▶ EXCERPTED RECORDS
■ ■ ■ ■ ■

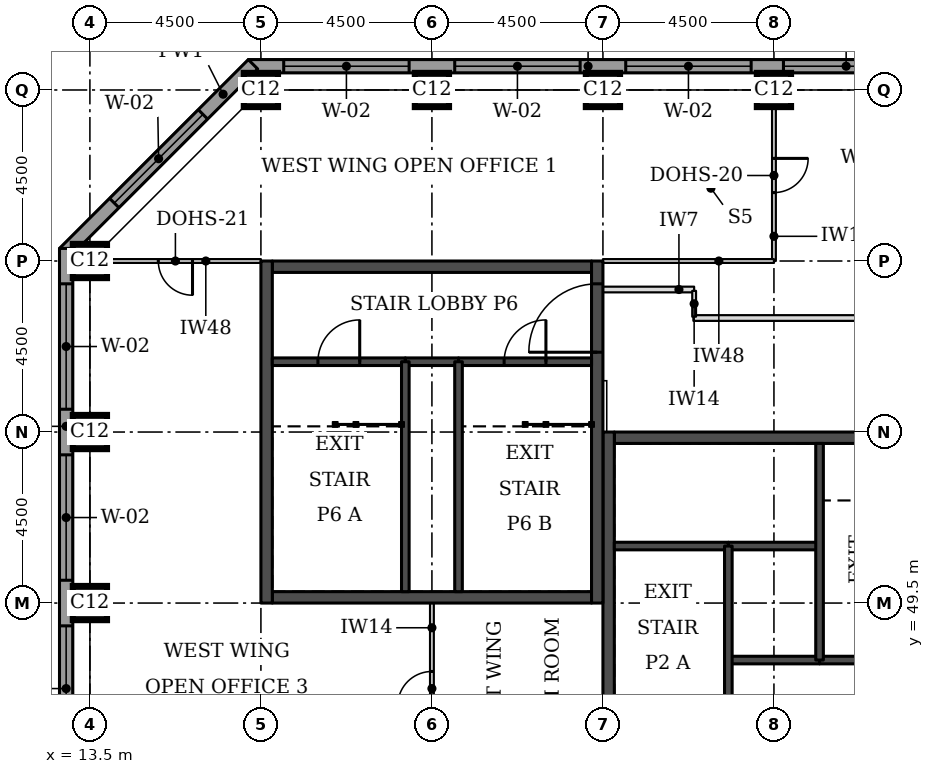
"""IFC4 building model, lengths in metres.
Left out: names, types, materials, properties, quantities, classifications, styles, units other than length and angle.
Written with IfcOpenShell. Run it as: python <this file> out.ifc"""

import sys

from ifc_helpers import new_model, si_unit, direction, frame, frame_2d, origin, origin_2d, place, context, subcontext, project, spatial, rectangle, extrude, element, fill, save


model = new_model("IFC4")
c1 = context("Model", 3, precision=1e-05, world=origin(), true_north=direction((0.0, 1.0)))
c2 = subcontext(c1, "Body", "Model", "MODEL_VIEW")
j1 = project(units=[si_unit("LENGTHUNIT", "METRE"), si_unit("PLANEANGLEUNIT", "RADIAN")], contexts=[c1])
p1 = place(None, origin())
s1 = spatial("IfcSite", under=j1, at=p1, CompositionType="ELEMENT")
p2 = place(p1, origin())
s2 = spatial("IfcBuilding", under=s1, at=p2, CompositionType="ELEMENT")
p3 = place(p2, frame((0.0, 0.0, 260.0)))
s3 = spatial("IfcBuildingStorey", under=s2, at=p3, CompositionType="ELEMENT", Elevation=260.0)
for number, where, z_axis, x_axis in (
    (1, (13.5, 49.5, 0.0), (0.0, 0.0, 1.0), (1.0, 0.0, 0.0)),
    (2, (13.5, 54.0, 0.0), (0.0, 0.0, 1.0), (1.0, 0.0, 0.0)),
    (3, (13.5, 58.5, 0.0), (0.0, 0.0, 1.0), (1.0, 0.0, 0.0)),
    (4, (18.0, 63.0, 0.0), (0.0, 0.0, 1.0), (1.0, 0.0, 0.0)),
    (5, (22.5, 63.0, 0.0), (0.0, 0.0, 1.0), (1.0, 0.0, 0.0)),
    (6, (27.0, 63.0, 0.0), (0.0, 0.0, 1.0), (1.0, 0.0, 0.0)),
    (7, (31.5, 63.0, 0.0), (0.0, 0.0, 1.0), (1.0, 0.0, 0.0)),
):
    element("IfcColumn", number, at=place(p3, frame(where, z_axis=z_axis, x_axis=x_axis)), inside=s3, PredefinedType="COLUMN", context=c2, shape_type="SweptSolid", body=[
        extrude(rectangle(XDim=0.9, YDim=0.9, at=origin_2d()), origin(), (0.0, 0.0, 1.0), 3.7),
    ])
p4 = place(p3, frame((27.3, 53.85, 0.0), z_axis=(0.0, 0.0, 1.0), x_axis=(1.0, 0.0, 0.0)))
e8 = element("IfcWall", 8, at=p4, inside=s3, PredefinedType="SHEAR", context=c2, shape_type="SweptSolid", body=[
    extrude(rectangle(XDim=8.4, YDim=0.3, at=frame_2d((4.2, 0.0))), origin(), (0.0, 0.0, 1.0), 3.7),
])
p5 = place(p4, frame((6.4, 0.0, 0.0)))
e9 = element("IfcOpeningElement", 9, at=p5, cuts=e8, PredefinedType="OPENING", context=c2, shape_type="SweptSolid", body=[
    extrude(rectangle(XDim=1.1, YDim=2.1, at=frame_2d((0.55, 1.05))), frame((0.0, 0.16, 0.0), z_axis=(0.0, -1.0, 0.0), x_axis=(1.0, 0.0, 0.0)), (0.0, 0.0, 1.0), 0.32),
])
p6 = place(p3, frame((27.15, 45.0, 0.0), z_axis=(0.0, 0.0, 1.0), x_axis=(0.0, 1.0, 0.0)))
e10 = element("IfcWall", 10, at=p6, inside=s3, PredefinedType="SHEAR", context=c2, shape_type="SweptSolid", body=[
    extrude(rectangle(XDim=9.0, YDim=0.3, at=frame_2d((4.5, 0.0))), origin(), (0.0, 0.0, 1.0), 3.7),
])
p7 = place(p6, frame((0.4, 0.0, 0.0)))
e11 = element("IfcOpeningElement", 11, at=p7, cuts=e10, PredefinedType="OPENING", context=c2, shape_type="SweptSolid", body=[
    extrude(rectangle(XDim=1.1, YDim=2.1, at=frame_2d((0.55, 1.05))), frame((0.0, 0.16, 0.0), z_axis=(0.0, -1.0, 0.0), x_axis=(1.0, 0.0, 0.0)), (0.0, 0.0, 1.0), 0.32),
])
for number, where, z_axis, x_axis in (
    (12, (18.3, 49.65, 0.0), (0.0, 0.0, 1.0), (1.0, 0.0, 0.0)),
    (13, (18.3, 58.35, 0.0), (0.0, 0.0, 1.0), (1.0, 0.0, 0.0)),
):
    element("IfcWall", number, at=place(p3, frame(where, z_axis=z_axis, x_axis=x_axis)), inside=s3, PredefinedType="SHEAR", context=c2, shape_type="SweptSolid", body=[
        extrude(rectangle(XDim=8.4, YDim=0.3, at=frame_2d((4.2, 0.0))), origin(), (0.0, 0.0, 1.0), 3.7),
    ])
p8 = place(p3, frame((18.15, 49.5, 0.0), z_axis=(0.0, 0.0, 1.0), x_axis=(0.0, 1.0, 0.0)))
e14 = element("IfcWall", 14, at=p8, inside=s3, PredefinedType="SHEAR", context=c2, shape_type="SweptSolid", body=[
    extrude(rectangle(XDim=9.0, YDim=0.3, at=frame_2d((4.5, 0.0))), origin(), (0.0, 0.0, 1.0), 3.7),
])
p9 = place(p3, frame((26.85, 49.5, 0.0), z_axis=(0.0, 0.0, 1.0), x_axis=(0.0, 1.0, 0.0)))
e15 = element("IfcWall", 15, at=p9, inside=s3, PredefinedType="SHEAR", context=c2, shape_type="SweptSolid", body=[
    extrude(rectangle(XDim=9.0, YDim=0.3, at=frame_2d((4.5, 0.0))), origin(), (0.0, 0.0, 1.0), 3.7),
])
p10 = place(p9, frame((6.6, 0.0, 0.0)))
e16 = element("IfcOpeningElement", 16, at=p10, cuts=e15, PredefinedType="OPENING", context=c2, shape_type="SweptSolid", body=[
    extrude(rectangle(XDim=1.8, YDim=2.1, at=frame_2d((0.9, 1.05))), frame((0.0, 0.16, 0.0), z_axis=(0.0, -1.0, 0.0), x_axis=(1.0, 0.0, 0.0)), (0.0, 0.0, 1.0), 0.32),
])
p11 = place(p3, frame((35.55, 63.625, 0.0), z_axis=(0.0, 0.0, 1.0), x_axis=(-1.0, 0.0, 0.0)))
e17 = element("IfcWall", 17, at=p11, inside=s3, PredefinedType="STANDARD", context=c2, shape_type="SweptSolid", body=[
    extrude(rectangle(XDim=17.881, YDim=0.35, at=frame_2d((8.941, 0.0))), origin(), (0.0, 0.0, 1.0), 3.375),
])
p12 = place(p11, frame((0.5, 0.0, 0.9)))
e18 = element("IfcOpeningElement", 18, at=p12, cuts=e17, PredefinedType="OPENING", context=c2, shape_type="SweptSolid", body=[
    extrude(rectangle(XDim=3.3, YDim=1.9, at=frame_2d((1.65, 0.95))), frame((0.0, 0.185, 0.0), z_axis=(0.0, -1.0, 0.0), x_axis=(1.0, 0.0, 0.0)), (0.0, 0.0, 1.0), 0.37),
])
p13 = place(p11, frame((4.65, 0.0, 0.9)))
e19 = element("IfcOpeningElement", 19, at=p13, cuts=e17, PredefinedType="OPENING", context=c2, shape_type="SweptSolid", body=[
    extrude(rectangle(XDim=3.3, YDim=1.9, at=frame_2d((1.65, 0.95))), frame((0.0, 0.185, 0.0), z_axis=(0.0, -1.0, 0.0), x_axis=(1.0, 0.0, 0.0)), (0.0, 0.0, 1.0), 0.37),
])
p14 = place(p11, frame((9.15, 0.0, 0.9)))
e20 = element("IfcOpeningElement", 20, at=p14, cuts=e17, PredefinedType="OPENING", context=c2, shape_type="SweptSolid", body=[
    extrude(rectangle(XDim=3.3, YDim=1.9, at=frame_2d((1.65, 0.95))), frame((0.0, 0.185, 0.0), z_axis=(0.0, -1.0, 0.0), x_axis=(1.0, 0.0, 0.0)), (0.0, 0.0, 1.0), 0.37),
])
p15 = place(p11, frame((13.65, 0.0, 0.9)))
e21 = element("IfcOpeningElement", 21, at=p15, cuts=e17, PredefinedType="OPENING", context=c2, shape_type="SweptSolid", body=[
    extrude(rectangle(XDim=3.3, YDim=1.9, at=frame_2d((1.65, 0.95))), frame((0.0, 0.185, 0.0), z_axis=(0.0, -1.0, 0.0), x_axis=(1.0, 0.0, 0.0)), (0.0, 0.0, 1.0), 0.37),
])
p16 = place(p3, frame((17.792, 63.676, 0.0), z_axis=(0.0, 0.0, 1.0), x_axis=(-0.707106781187, -0.707106781187, 0.0)))
e22 = element("IfcWall", 22, at=p16, inside=s3, PredefinedType="STANDARD", context=c2, shape_type="SweptSolid", body=[
    extrude(rectangle(XDim=7.027, YDim=0.35, at=frame_2d((3.513, 0.0))), origin(), (0.0, 0.0, 1.0), 3.375),
])
p17 = place(p16, frame((1.863, 0.0, 0.9)))
e23 = element("IfcOpeningElement", 23, at=p17, cuts=e22, PredefinedType="OPENING", context=c2, shape_type="SweptSolid", body=[
    extrude(rectangle(XDim=3.3, YDim=1.9, at=frame_2d((1.65, 0.95))), frame((0.0, 0.185, 0.0), z_axis=(0.0, -1.0, 0.0), x_axis=(1.0, 0.0, 0.0)), (0.0, 0.0, 1.0), 0.37),
])
p18 = place(p3, frame((12.875, 58.831, 0.0), z_axis=(0.0, 0.0, 1.0), x_axis=(0.0, -1.0, 0.0)))
e24 = element("IfcWall", 24, at=p18, inside=s3, PredefinedType="STANDARD", context=c2, shape_type="SweptSolid", body=[
    extrude(rectangle(XDim=14.163, YDim=0.35, at=frame_2d((7.081, 0.0))), origin(), (0.0, 0.0, 1.0), 3.375),
])
p19 = place(p18, frame((0.931, 0.0, 0.9)))
e25 = element("IfcOpeningElement", 25, at=p19, cuts=e24, PredefinedType="OPENING", context=c2, shape_type="SweptSolid", body=[
    extrude(rectangle(XDim=3.3, YDim=1.9, at=frame_2d((1.65, 0.95))), frame((0.0, 0.185, 0.0), z_axis=(0.0, -1.0, 0.0), x_axis=(1.0, 0.0, 0.0)), (0.0, 0.0, 1.0), 0.37),
])
p20 = place(p18, frame((5.431, 0.0, 0.9)))
e26 = element("IfcOpeningElement", 26, at=p20, cuts=e24, PredefinedType="OPENING", context=c2, shape_type="SweptSolid", body=[
    extrude(rectangle(XDim=3.3, YDim=1.9, at=frame_2d((1.65, 0.95))), frame((0.0, 0.185, 0.0), z_axis=(0.0, -1.0, 0.0), x_axis=(1.0, 0.0, 0.0)), (0.0, 0.0, 1.0), 0.37),
])
p21 = place(p18, frame((9.931, 0.0, 0.9)))
e27 = element("IfcOpeningElement", 27, at=p21, cuts=e24, PredefinedType="OPENING", context=c2, shape_type="SweptSolid", body=[
    extrude(rectangle(XDim=3.3, YDim=1.9, at=frame_2d((1.65, 0.95))), frame((0.0, 0.185, 0.0), z_axis=(0.0, -1.0, 0.0), x_axis=(1.0, 0.0, 0.0)), (0.0, 0.0, 1.0), 0.37),
])
p22 = place(p3, frame((29.38, 57.0, 0.0), z_axis=(0.0, 0.0, 1.0), x_axis=(1.0, 0.0, 0.0)))
e28 = element("IfcWall", 28, at=p22, inside=s3, PredefinedType="PARTITIONING", context=c2, shape_type="SweptSolid", body=[
    extrude(rectangle(XDim=12.695, YDim=0.15, at=frame_2d((6.348, 0.0))), origin(), (0.0, 0.0, 1.0), 3.45),
])
p23 = place(p22, frame((5.13, 0.0, 0.0)))
e29 = element("IfcOpeningElement", 29, at=p23, cuts=e28, PredefinedType="OPENING", context=c2, shape_type="SweptSolid", body=[
    extrude(rectangle(XDim=1.0, YDim=2.1, at=frame_2d((0.5, 1.05))), frame((0.0, 0.085, 0.0), z_axis=(0.0, -1.0, 0.0), x_axis=(1.0, 0.0, 0.0)), (0.0, 0.0, 1.0), 0.17),
])
p24 = place(p3, frame((31.5, 63.0, 0.0), z_axis=(0.0, 0.0, 1.0), x_axis=(0.0, -1.0, 0.0)))
e30 = element("IfcWall", 30, at=p24, inside=s3, PredefinedType="PARTITIONING", context=c2, shape_type="SweptSolid", body=[
    extrude(rectangle(XDim=4.5, YDim=0.1, at=frame_2d((2.25, 0.0))), origin(), (0.0, 0.0, 1.0), 3.45),
])
p25 = place(p24, frame((1.8, 0.0, 0.0)))
e31 = element("IfcOpeningElement", 31, at=p25, cuts=e30, PredefinedType="OPENING", context=c2, shape_type="SweptSolid", body=[
    extrude(rectangle(XDim=0.9, YDim=2.1, at=frame_2d((0.45, 1.05))), frame((0.0, 0.06, 0.0), z_axis=(0.0, -1.0, 0.0), x_axis=(1.0, 0.0, 0.0)), (0.0, 0.0, 1.0), 0.12),
])
p26 = place(p3, frame((31.5, 58.5, 0.0), z_axis=(0.0, 0.0, 1.0), x_axis=(-1.0, 0.0, 0.0)))
e32 = element("IfcWall", 32, at=p26, inside=s3, PredefinedType="PARTITIONING", context=c2, shape_type="SweptSolid", body=[
    extrude(rectangle(XDim=4.5, YDim=0.1, at=frame_2d((2.25, 0.0))), origin(), (0.0, 0.0, 1.0), 2.4),
])
p27 = place(p3, frame((13.5, 58.5, 0.0), z_axis=(0.0, 0.0, 1.0), x_axis=(1.0, 0.0, 0.0)))
e33 = element("IfcWall", 33, at=p27, inside=s3, PredefinedType="PARTITIONING", context=c2, shape_type="SweptSolid", body=[
    extrude(rectangle(XDim=4.5, YDim=0.1, at=frame_2d((2.25, 0.0))), origin(), (0.0, 0.0, 1.0), 2.4),
])
p28 = place(p27, frame((1.8, 0.0, 0.0)))
e34 = element("IfcOpeningElement", 34, at=p28, cuts=e33, PredefinedType="OPENING", context=c2, shape_type="SweptSolid", body=[
    extrude(rectangle(XDim=0.9, YDim=2.1, at=frame_2d((0.45, 1.05))), frame((0.0, 0.06, 0.0), z_axis=(0.0, -1.0, 0.0), x_axis=(1.0, 0.0, 0.0)), (0.0, 0.0, 1.0), 0.12),
])
p29 = place(p3, frame((22.5, 49.5, 0.0), z_axis=(0.0, 0.0, 1.0), x_axis=(0.0, -1.0, 0.0)))
e35 = element("IfcWall", 35, at=p29, inside=s3, PredefinedType="PARTITIONING", context=c2, shape_type="SweptSolid", body=[
    extrude(rectangle(XDim=4.5, YDim=0.1, at=frame_2d((2.25, 0.0))), origin(), (0.0, 0.0, 1.0), 3.45),
])
p30 = place(p29, frame((1.8, 0.0, 0.0)))
e36 = element("IfcOpeningElement", 36, at=p30, cuts=e35, PredefinedType="OPENING", context=c2, shape_type="SweptSolid", body=[
    extrude(rectangle(XDim=0.9, YDim=2.1, at=frame_2d((0.45, 1.05))), frame((0.0, 0.06, 0.0), z_axis=(0.0, -1.0, 0.0), x_axis=(1.0, 0.0, 0.0)), (0.0, 0.0, 1.0), 0.12),
])
p31 = place(p3, frame((27.0, 57.75, 0.0), z_axis=(0.0, 0.0, 1.0), x_axis=(1.0, 0.0, 0.0)))
e37 = element("IfcWall", 37, at=p31, inside=s3, PredefinedType="PARTITIONING", context=c2, shape_type="SweptSolid", body=[
    extrude(rectangle(XDim=2.4, YDim=0.15, at=frame_2d((1.2, 0.0))), origin(), (0.0, 0.0, 1.0), 3.45),
])
p32 = place(p3, frame((29.4, 57.715, 0.0), z_axis=(0.0, 0.0, 1.0), x_axis=(0.0, -1.0, 0.0)))
e38 = element("IfcWall", 38, at=p32, inside=s3, PredefinedType="PARTITIONING", context=c2, shape_type="SweptSolid", body=[
    extrude(rectangle(XDim=0.68, YDim=0.1, at=frame_2d((0.34, 0.0))), origin(), (0.0, 0.0, 1.0), 3.45),
])
p33 = place(p3, frame((30.3, 48.0, 0.0), z_axis=(0.0, 0.0, 1.0), x_axis=(1.0, 0.0, 0.0)))
e39 = element("IfcWall", 39, at=p33, inside=s3, PredefinedType="SOLIDWALL", context=c2, shape_type="SweptSolid", body=[
    extrude(rectangle(XDim=2.4, YDim=0.2, at=frame_2d((1.2, 0.0))), origin(), (0.0, 0.0, 1.0), 3.45),
])
p34 = place(p3, frame((32.7, 48.0, 0.0), z_axis=(0.0, 0.0, 1.0), x_axis=(1.0, 0.0, 0.0)))
e40 = element("IfcWall", 40, at=p34, inside=s3, PredefinedType="SOLIDWALL", context=c2, shape_type="SweptSolid", body=[
    extrude(rectangle(XDim=3.0, YDim=0.2, at=frame_2d((1.5, 0.0))), origin(), (0.0, 0.0, 1.0), 3.45),
])
p35 = place(p3, frame((30.3, 51.0, 0.0), z_axis=(0.0, 0.0, 1.0), x_axis=(1.0, 0.0, 0.0)))
e41 = element("IfcWall", 41, at=p35, inside=s3, PredefinedType="SOLIDWALL", context=c2, shape_type="SweptSolid", body=[
    extrude(rectangle(XDim=2.4, YDim=0.2, at=frame_2d((1.2, 0.0))), origin(), (0.0, 0.0, 1.0), 3.45),
])
p36 = place(p3, frame((27.3, 51.0, 0.0), z_axis=(0.0, 0.0, 1.0), x_axis=(1.0, 0.0, 0.0)))
e42 = element("IfcWall", 42, at=p36, inside=s3, PredefinedType="SOLIDWALL", context=c2, shape_type="SweptSolid", body=[
    extrude(rectangle(XDim=3.0, YDim=0.2, at=frame_2d((1.5, 0.0))), origin(), (0.0, 0.0, 1.0), 3.45),
])
for number, where, z_axis, x_axis in (
    (43, (30.3, 45.3, 0.0), (0.0, 0.0, 1.0), (0.0, 1.0, 0.0)),
    (44, (32.7, 48.0, 0.0), (0.0, 0.0, 1.0), (0.0, 1.0, 0.0)),
):
    element("IfcWall", number, at=place(p3, frame(where, z_axis=z_axis, x_axis=x_axis)), inside=s3, PredefinedType="SOLIDWALL", context=c2, shape_type="SweptSolid", body=[
        extrude(rectangle(XDim=5.7, YDim=0.2, at=frame_2d((2.85, 0.0))), origin(), (0.0, 0.0, 1.0), 3.45),
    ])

■ ■ ■ ■ ■

▶ EXERCISE
Search the entries for the word "direction" and copy every line that has it.

▶ EXERCISE RESULT
from ifc_helpers import new_model, si_unit, direction, frame, frame_2d, origin, origin_2d, place, context, subcontext, project, spatial, rectangle, extrude, element, fill, save
c1 = context("Model", 3, precision=1e-05, world=origin(), true_north=direction((0.0, 1.0)))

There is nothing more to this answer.